═══ Dataset records ═══
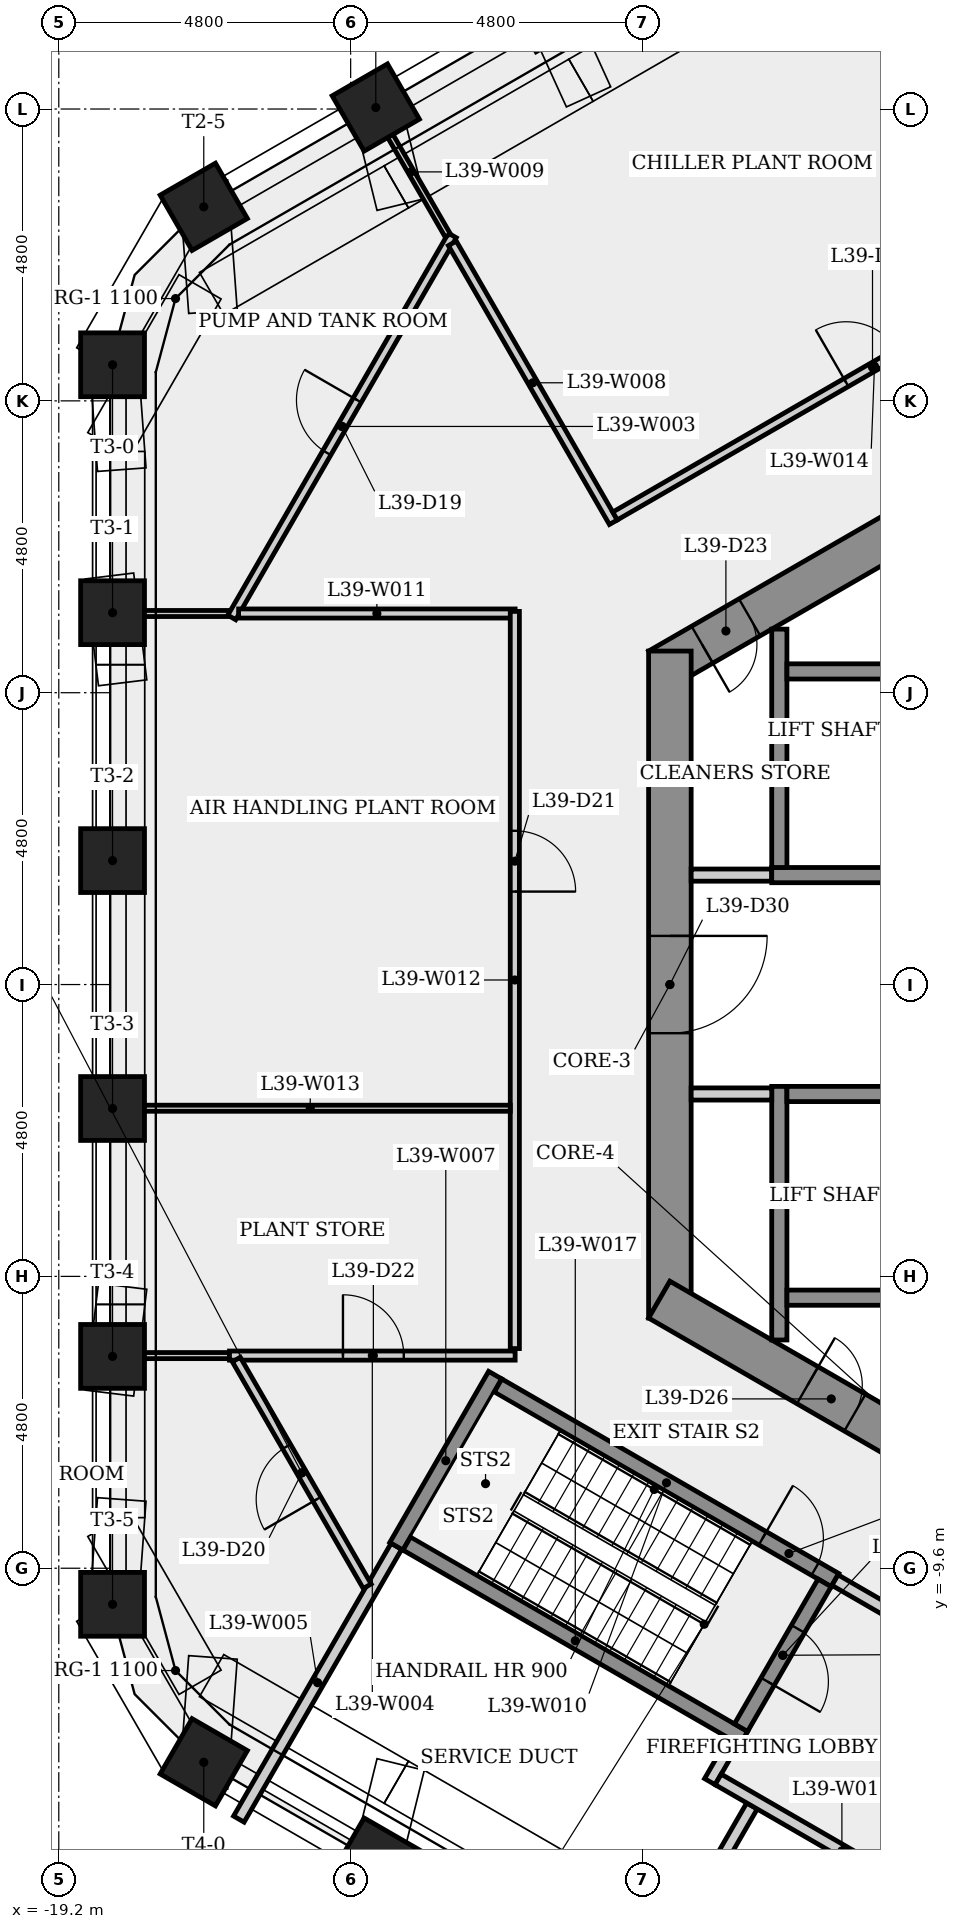
"""IFC4 building model, lengths in metres.
Left out: names, types, materials, properties, quantities, classifications, styles, units other than length and angle.
Written with IfcOpenShell. Run it as: python <this file> out.ifc"""

import sys

from ifc_helpers import new_model, si_unit, direction, frame, frame_2d, origin, origin_2d, place, context, subcontext, project, spatial, rectangle, extrude, element, fill, save


model = new_model("IFC4")
c1 = context("Model", 3, precision=1e-05, world=origin(), true_north=direction((0.0, 1.0)))
c2 = subcontext(c1, "Body", "Model", "MODEL_VIEW")
j1 = project(units=[si_unit("LENGTHUNIT", "METRE"), si_unit("PLANEANGLEUNIT", "RADIAN")], contexts=[c1])
p1 = place(None, origin())
s1 = spatial("IfcSite", under=j1, at=p1, CompositionType="ELEMENT")
p2 = place(p1, origin())
s2 = spatial("IfcBuilding", under=s1, at=p2, CompositionType="ELEMENT")
p3 = place(p2, frame((0.0, 0.0, 147.9)))
s3 = spatial("IfcBuildingStorey", under=s2, at=p3, CompositionType="ELEMENT", Elevation=147.9)
p4 = place(p3, frame((0.175, 10.667, 0.0), z_axis=(0.0, 0.0, 1.0), x_axis=(-0.866023993627, -0.500002442456, 0.0)))
e1 = element("IfcWall", 1, at=p4, inside=s3, PredefinedType="SHEAR", context=c2, shape_type="SweptSolid", body=[
    extrude(rectangle(XDim=10.97, YDim=0.7, at=frame_2d((5.485, 0.0))), origin(), (0.0, 0.0, 1.0), 4.8),
])
p5 = place(p4, frame((9.254, 0.0, 0.0)))
e2 = element("IfcOpeningElement", 2, at=p5, cuts=e1, PredefinedType="OPENING", context=c2, shape_type="SweptSolid", body=[
    extrude(rectangle(XDim=0.9, YDim=2.1, at=frame_2d((0.45, 1.05))), frame((0.0, 0.36, 0.0), z_axis=(0.0, -1.0, 0.0), x_axis=(1.0, 0.0, 0.0)), (0.0, 0.0, 1.0), 0.72),
])
p6 = place(p4, frame((2.033, 0.0, 0.0)))
e3 = element("IfcOpeningElement", 3, at=p6, cuts=e1, PredefinedType="OPENING", context=c2, shape_type="SweptSolid", body=[
    extrude(rectangle(XDim=0.9, YDim=2.1, at=frame_2d((0.45, 1.05))), frame((0.0, 0.36, 0.0), z_axis=(0.0, -1.0, 0.0), x_axis=(1.0, 0.0, 0.0)), (0.0, 0.0, 1.0), 0.72),
])
p7 = place(p3, frame((-9.15, 5.485, 0.0), z_axis=(0.0, 0.0, 1.0), x_axis=(0.0, -1.0, 0.0)))
e4 = element("IfcWall", 4, at=p7, inside=s3, PredefinedType="SHEAR", context=c2, shape_type="SweptSolid", body=[
    extrude(rectangle(XDim=10.97, YDim=0.7, at=frame_2d((5.485, 0.0))), origin(), (0.0, 0.0, 1.0), 4.8),
])
p8 = place(p7, frame((4.685, 0.0, 0.0)))
e5 = element("IfcOpeningElement", 5, at=p8, cuts=e4, PredefinedType="OPENING", context=c2, shape_type="SweptSolid", body=[
    extrude(rectangle(XDim=1.6, YDim=2.1, at=frame_2d((0.8, 1.05))), frame((0.0, 0.36, 0.0), z_axis=(0.0, -1.0, 0.0), x_axis=(1.0, 0.0, 0.0)), (0.0, 0.0, 1.0), 0.72),
])
p9 = place(p3, frame((-9.325, -5.182, 0.0), z_axis=(0.0, 0.0, 1.0), x_axis=(0.866023993627, -0.500002442456, 0.0)))
e6 = element("IfcWall", 6, at=p9, inside=s3, PredefinedType="SHEAR", context=c2, shape_type="SweptSolid", body=[
    extrude(rectangle(XDim=10.97, YDim=0.7, at=frame_2d((5.485, 0.0))), origin(), (0.0, 0.0, 1.0), 4.8),
])
p10 = place(p9, frame((2.817, 0.0, 0.0)))
e7 = element("IfcOpeningElement", 7, at=p10, cuts=e6, PredefinedType="OPENING", context=c2, shape_type="SweptSolid", body=[
    extrude(rectangle(XDim=0.9, YDim=2.1, at=frame_2d((0.45, 1.05))), frame((0.0, 0.36, 0.0), z_axis=(0.0, -1.0, 0.0), x_axis=(1.0, 0.0, 0.0)), (0.0, 0.0, 1.0), 0.72),
])
for number, where, z_axis, x_axis in (
    (8, (-11.157, 16.058, 0.0), (0.0, 0.0, 1.0), (-0.5, 0.866, 0.0)),
    (9, (-13.987, 14.425, 0.0), (0.0, 0.0, 1.0), (-0.5, 0.866, 0.0)),
    (10, (-16.816, 12.792, 0.0), (0.0, 0.0, 1.0), (-0.5, 0.866, 0.0)),
    (11, (-18.316, 10.193, 0.0), (0.0, 0.0, 1.0), (-1.0, 0.0, 0.0)),
    (12, (-18.316, 6.116, 0.0), (0.0, 0.0, 1.0), (-1.0, 0.0, 0.0)),
    (13, (-18.316, 2.039, 0.0), (0.0, 0.0, 1.0), (-1.0, 0.0, 0.0)),
    (14, (-18.316, -2.039, 0.0), (0.0, 0.0, 1.0), (-1.0, 0.0, 0.0)),
    (15, (-18.316, -6.116, 0.0), (0.0, 0.0, 1.0), (-1.0, 0.0, 0.0)),
    (16, (-18.316, -10.193, 0.0), (0.0, 0.0, 1.0), (-1.0, 0.0, 0.0)),
    (17, (-16.816, -12.792, 0.0), (0.0, 0.0, 1.0), (-0.5, -0.866, 0.0)),
    (18, (-13.987, -14.425, 0.0), (0.0, 0.0, 1.0), (-0.5, -0.866, 0.0)),
):
    element("IfcColumn", number, at=place(p3, frame(where, z_axis=z_axis, x_axis=x_axis)), inside=s3, PredefinedType="COLUMN", context=c2, shape_type="SweptSolid", body=[
        extrude(rectangle(XDim=1.05, YDim=1.05, at=origin_2d()), origin(), (0.0, 0.0, 1.0), 4.45),
    ])
for number, where, z_axis, x_axis in (
    (19, (-18.354, -6.103, 0.0), (0.0, 0.0, 1.0), (1.0, 0.0, 0.0)),
    (20, (-16.393, 6.103, 0.0), (0.0, 0.0, 1.0), (-1.0, 0.0, 0.0)),
):
    element("IfcWall", number, at=place(p3, frame(where, z_axis=z_axis, x_axis=x_axis)), inside=s3, PredefinedType="PARTITIONING", context=c2, shape_type="SweptSolid", body=[
        extrude(rectangle(XDim=1.962, YDim=0.1, at=frame_2d((0.981, 0.0))), origin(), (0.0, 0.0, 1.0), 4.45),
    ])
p11 = place(p3, frame((-16.355, 6.038, 0.0), z_axis=(0.0, 0.0, 1.0), x_axis=(0.499982673273, 0.866035407144, 0.0)))
e21 = element("IfcWall", 21, at=p11, inside=s3, PredefinedType="PARTITIONING", context=c2, shape_type="SweptSolid", body=[
    extrude(rectangle(XDim=7.255, YDim=0.15, at=frame_2d((3.627, 0.0))), origin(), (0.0, 0.0, 1.0), 4.45),
])
p12 = place(p11, frame((3.127, 0.0, 0.0)))
e22 = element("IfcOpeningElement", 22, at=p12, cuts=e21, PredefinedType="OPENING", context=c2, shape_type="SweptSolid", body=[
    extrude(rectangle(XDim=1.0, YDim=2.1, at=frame_2d((0.5, 1.05))), frame((0.0, 0.085, 0.0), z_axis=(0.0, -1.0, 0.0), x_axis=(1.0, 0.0, 0.0)), (0.0, 0.0, 1.0), 0.17),
])
p13 = place(p3, frame((-16.393, -6.103, 0.0), z_axis=(0.0, 0.0, 1.0), x_axis=(1.0, 0.0, 0.0)))
e23 = element("IfcWall", 23, at=p13, inside=s3, PredefinedType="PARTITIONING", context=c2, shape_type="SweptSolid", body=[
    extrude(rectangle(XDim=4.698, YDim=0.15, at=frame_2d((2.349, 0.0))), origin(), (0.0, 0.0, 1.0), 4.45),
])
p14 = place(p13, frame((1.866, 0.0, 0.0)))
e24 = element("IfcOpeningElement", 24, at=p14, cuts=e23, PredefinedType="OPENING", context=c2, shape_type="SweptSolid", body=[
    extrude(rectangle(XDim=1.0, YDim=2.1, at=frame_2d((0.5, 1.05))), frame((0.0, 0.085, 0.0), z_axis=(0.0, -1.0, 0.0), x_axis=(1.0, 0.0, 0.0)), (0.0, 0.0, 1.0), 0.17),
])
p15 = place(p3, frame((-16.239, -13.726, 0.0), z_axis=(0.0, 0.0, 1.0), x_axis=(0.499990271856, 0.866031020258, 0.0)))
e25 = element("IfcWall", 25, at=p15, inside=s3, PredefinedType="PLUMBINGWALL", context=c2, shape_type="SweptSolid", body=[
    extrude(rectangle(XDim=5.182, YDim=0.2, at=frame_2d((2.591, 0.0))), origin(), (0.0, 0.0, 1.0), 4.45),
])
p16 = place(p3, frame((-14.127, -9.896, 0.0), z_axis=(0.0, 0.0, 1.0), x_axis=(-0.500005500391, 0.866022228109, 0.0)))
e26 = element("IfcWall", 26, at=p16, inside=s3, PredefinedType="PARTITIONING", context=c2, shape_type="SweptSolid", body=[
    extrude(rectangle(XDim=4.306, YDim=0.15, at=frame_2d((2.153, 0.0))), origin(), (0.0, 0.0, 1.0), 4.45),
])
p17 = place(p16, frame((1.653, 0.0, 0.0)))
e27 = element("IfcOpeningElement", 27, at=p17, cuts=e26, PredefinedType="OPENING", context=c2, shape_type="SweptSolid", body=[
    extrude(rectangle(XDim=1.0, YDim=2.1, at=frame_2d((0.5, 1.05))), frame((0.0, 0.085, 0.0), z_axis=(0.0, -1.0, 0.0), x_axis=(1.0, 0.0, 0.0)), (0.0, 0.0, 1.0), 0.17),
])
p18 = place(p3, frame((-13.648, -9.239, 0.0), z_axis=(0.0, 0.0, 1.0), x_axis=(0.500017246033, 0.866015446554, 0.0)))
e28 = element("IfcWall", 28, at=p18, inside=s3, PredefinedType="SHEAR", context=c2, shape_type="SweptSolid", body=[
    extrude(rectangle(XDim=3.25, YDim=0.25, at=frame_2d((1.625, 0.0))), origin(), (0.0, 0.0, 1.0), 4.45),
])
p19 = place(p3, frame((-12.728, 12.191, 0.0), z_axis=(0.0, 0.0, 1.0), x_axis=(0.499991120112, -0.86603053053, 0.0)))
e29 = element("IfcWall", 29, at=p19, inside=s3, PredefinedType="PARTITIONING", context=c2, shape_type="SweptSolid", body=[
    extrude(rectangle(XDim=5.296, YDim=0.15, at=frame_2d((2.648, 0.0))), origin(), (0.0, 0.0, 1.0), 4.45),
])
p20 = place(p3, frame((-12.803, 12.321, 0.0), z_axis=(0.0, 0.0, 1.0), x_axis=(-0.499967560512, 0.866044131922, 0.0)))
e30 = element("IfcWall", 30, at=p20, inside=s3, PredefinedType="PARTITIONING", context=c2, shape_type="SweptSolid", body=[
    extrude(rectangle(XDim=2.414, YDim=0.1, at=frame_2d((1.207, 0.0))), origin(), (0.0, 0.0, 1.0), 4.45),
])
p21 = place(p3, frame((-11.977, -6.595, 0.0), z_axis=(0.0, 0.0, 1.0), x_axis=(0.866025499775, -0.499999833739, 0.0)))
e31 = element("IfcWall", 31, at=p21, inside=s3, PredefinedType="SHEAR", context=c2, shape_type="SweptSolid", body=[
    extrude(rectangle(XDim=6.4, YDim=0.25, at=frame_2d((3.2, 0.0))), origin(), (0.0, 0.0, 1.0), 4.45),
])
p22 = place(p21, frame((5.025, 0.0, 0.0)))
e32 = element("IfcOpeningElement", 32, at=p22, cuts=e31, PredefinedType="OPENING", context=c2, shape_type="SweptSolid", body=[
    extrude(rectangle(XDim=1.0, YDim=2.1, at=frame_2d((0.5, 1.05))), frame((0.0, 0.135, 0.0), z_axis=(0.0, -1.0, 0.0), x_axis=(1.0, 0.0, 0.0)), (0.0, 0.0, 1.0), 0.27),
])
p23 = place(p3, frame((-11.695, 6.103, 0.0), z_axis=(0.0, 0.0, 1.0), x_axis=(-1.0, 0.0, 0.0)))
e33 = element("IfcWall", 33, at=p23, inside=s3, PredefinedType="PARTITIONING", context=c2, shape_type="SweptSolid", body=[
    extrude(rectangle(XDim=4.548, YDim=0.15, at=frame_2d((2.274, 0.0))), origin(), (0.0, 0.0, 1.0), 4.45),
])
p24 = place(p3, frame((-11.7, 6.137, 0.0), z_axis=(0.0, 0.0, 1.0), x_axis=(0.0, -1.0, 0.0)))
e34 = element("IfcWall", 34, at=p24, inside=s3, PredefinedType="PARTITIONING", context=c2, shape_type="SweptSolid", body=[
    extrude(rectangle(XDim=12.125, YDim=0.15, at=frame_2d((6.062, 0.0))), origin(), (0.0, 0.0, 1.0), 4.45),
])
p25 = place(p24, frame((3.608, 0.0, 0.0)))
e35 = element("IfcOpeningElement", 35, at=p25, cuts=e34, PredefinedType="OPENING", context=c2, shape_type="SweptSolid", body=[
    extrude(rectangle(XDim=1.0, YDim=2.1, at=frame_2d((0.5, 1.05))), frame((0.0, 0.085, 0.0), z_axis=(0.0, -1.0, 0.0), x_axis=(1.0, 0.0, 0.0)), (0.0, 0.0, 1.0), 0.17),
])
p26 = place(p3, frame((-11.775, -2.034, 0.0), z_axis=(0.0, 0.0, 1.0), x_axis=(-1.0, 0.0, 0.0)))
e36 = element("IfcWall", 36, at=p26, inside=s3, PredefinedType="PARTITIONING", context=c2, shape_type="SweptSolid", body=[
    extrude(rectangle(XDim=6.58, YDim=0.1, at=frame_2d((3.29, 0.0))), origin(), (0.0, 0.0, 1.0), 4.45),
])
p27 = place(p3, frame((-10.052, 7.706, 0.0), z_axis=(0.0, 0.0, 1.0), x_axis=(0.866017665152, 0.500013403465, 0.0)))
e37 = element("IfcWall", 37, at=p27, inside=s3, PredefinedType="PARTITIONING", context=c2, shape_type="SweptSolid", body=[
    extrude(rectangle(XDim=9.854, YDim=0.15, at=frame_2d((4.927, 0.0))), origin(), (0.0, 0.0, 1.0), 4.45),
])
p28 = place(p27, frame((4.39, 0.0, 0.0)))
e38 = element("IfcOpeningElement", 38, at=p28, cuts=e37, PredefinedType="OPENING", context=c2, shape_type="SweptSolid", body=[
    extrude(rectangle(XDim=1.0, YDim=2.1, at=frame_2d((0.5, 1.05))), frame((0.0, 0.085, 0.0), z_axis=(0.0, -1.0, 0.0), x_axis=(1.0, 0.0, 0.0)), (0.0, 0.0, 1.0), 0.17),
])
p29 = place(p3, frame((-8.8, 1.8, 0.0), z_axis=(0.0, 0.0, 1.0), x_axis=(1.0, 0.0, 0.0)))
e39 = element("IfcWall", 39, at=p29, inside=s3, PredefinedType="PARTITIONING", context=c2, shape_type="SweptSolid", body=[
    extrude(rectangle(XDim=1.325, YDim=0.2, at=frame_2d((0.663, 0.0))), origin(), (0.0, 0.0, 1.0), 4.45),
])
p30 = place(p3, frame((-8.493, -13.11, 0.0), z_axis=(0.0, 0.0, 1.0), x_axis=(0.500067724834, 0.865986299303, 0.0)))
e40 = element("IfcWall", 40, at=p30, inside=s3, PredefinedType="PLUMBINGWALL", context=c2, shape_type="SweptSolid", body=[
    extrude(rectangle(XDim=0.775, YDim=0.2, at=frame_2d((0.388, 0.0))), origin(), (0.0, 0.0, 1.0), 4.45),
])
p31 = place(p3, frame((-7.935, -12.393, 0.0), z_axis=(0.0, 0.0, 1.0), x_axis=(-0.866025499775, 0.499999833739, 0.0)))
e41 = element("IfcWall", 41, at=p31, inside=s3, PredefinedType="SHEAR", context=c2, shape_type="SweptSolid", body=[
    extrude(rectangle(XDim=6.4, YDim=0.25, at=frame_2d((3.2, 0.0))), origin(), (0.0, 0.0, 1.0), 4.45),
])
p32 = place(p3, frame((-7.8, -13.51, 0.0), z_axis=(0.0, 0.0, 1.0), x_axis=(-0.5000181976, -0.86601489714, 0.0)))
e42 = element("IfcWall", 42, at=p32, inside=s3, PredefinedType="PLUMBINGWALL", context=c2, shape_type="SweptSolid", body=[
    extrude(rectangle(XDim=4.406, YDim=0.2, at=frame_2d((2.203, 0.0))), origin(), (0.0, 0.0, 1.0), 4.45),
])
p33 = place(p3, frame((-8.356, -13.073, 0.0), z_axis=(0.0, 0.0, 1.0), x_axis=(0.866038532462, -0.499977259774, 0.0)))
e43 = element("IfcWall", 43, at=p33, inside=s3, PredefinedType="PLUMBINGWALL", context=c2, shape_type="SweptSolid", body=[
    extrude(rectangle(XDim=4.7, YDim=0.2, at=frame_2d((2.35, 0.0))), origin(), (0.0, 0.0, 1.0), 4.45),
])
p34 = place(p3, frame((-7.475, 1.8, 0.0), z_axis=(0.0, 0.0, 1.0), x_axis=(1.0, 0.0, 0.0)))
e44 = element("IfcWall", 44, at=p34, inside=s3, PredefinedType="SHEAR", context=c2, shape_type="SweptSolid", body=[
    extrude(rectangle(XDim=14.95, YDim=0.25, at=frame_2d((7.475, 0.0))), origin(), (0.0, 0.0, 1.0), 4.45),
])
p35 = place(p3, frame((-7.35, -5.846, 0.0), z_axis=(0.0, 0.0, 1.0), x_axis=(0.0, 1.0, 0.0)))
e45 = element("IfcWall", 45, at=p35, inside=s3, PredefinedType="SHEAR", context=c2, shape_type="SweptSolid", body=[
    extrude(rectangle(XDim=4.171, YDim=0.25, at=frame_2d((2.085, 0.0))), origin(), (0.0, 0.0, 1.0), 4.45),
═══
Instructions for the task:
Scan the lines above for "import", then copy every one that has it.

Answer for this exercise:
import sys
from ifc_helpers import new_model, si_unit, direction, frame, frame_2d, origin, origin_2d, place, context, subcontext, project, spatial, rectangle, extrude, element, fill, save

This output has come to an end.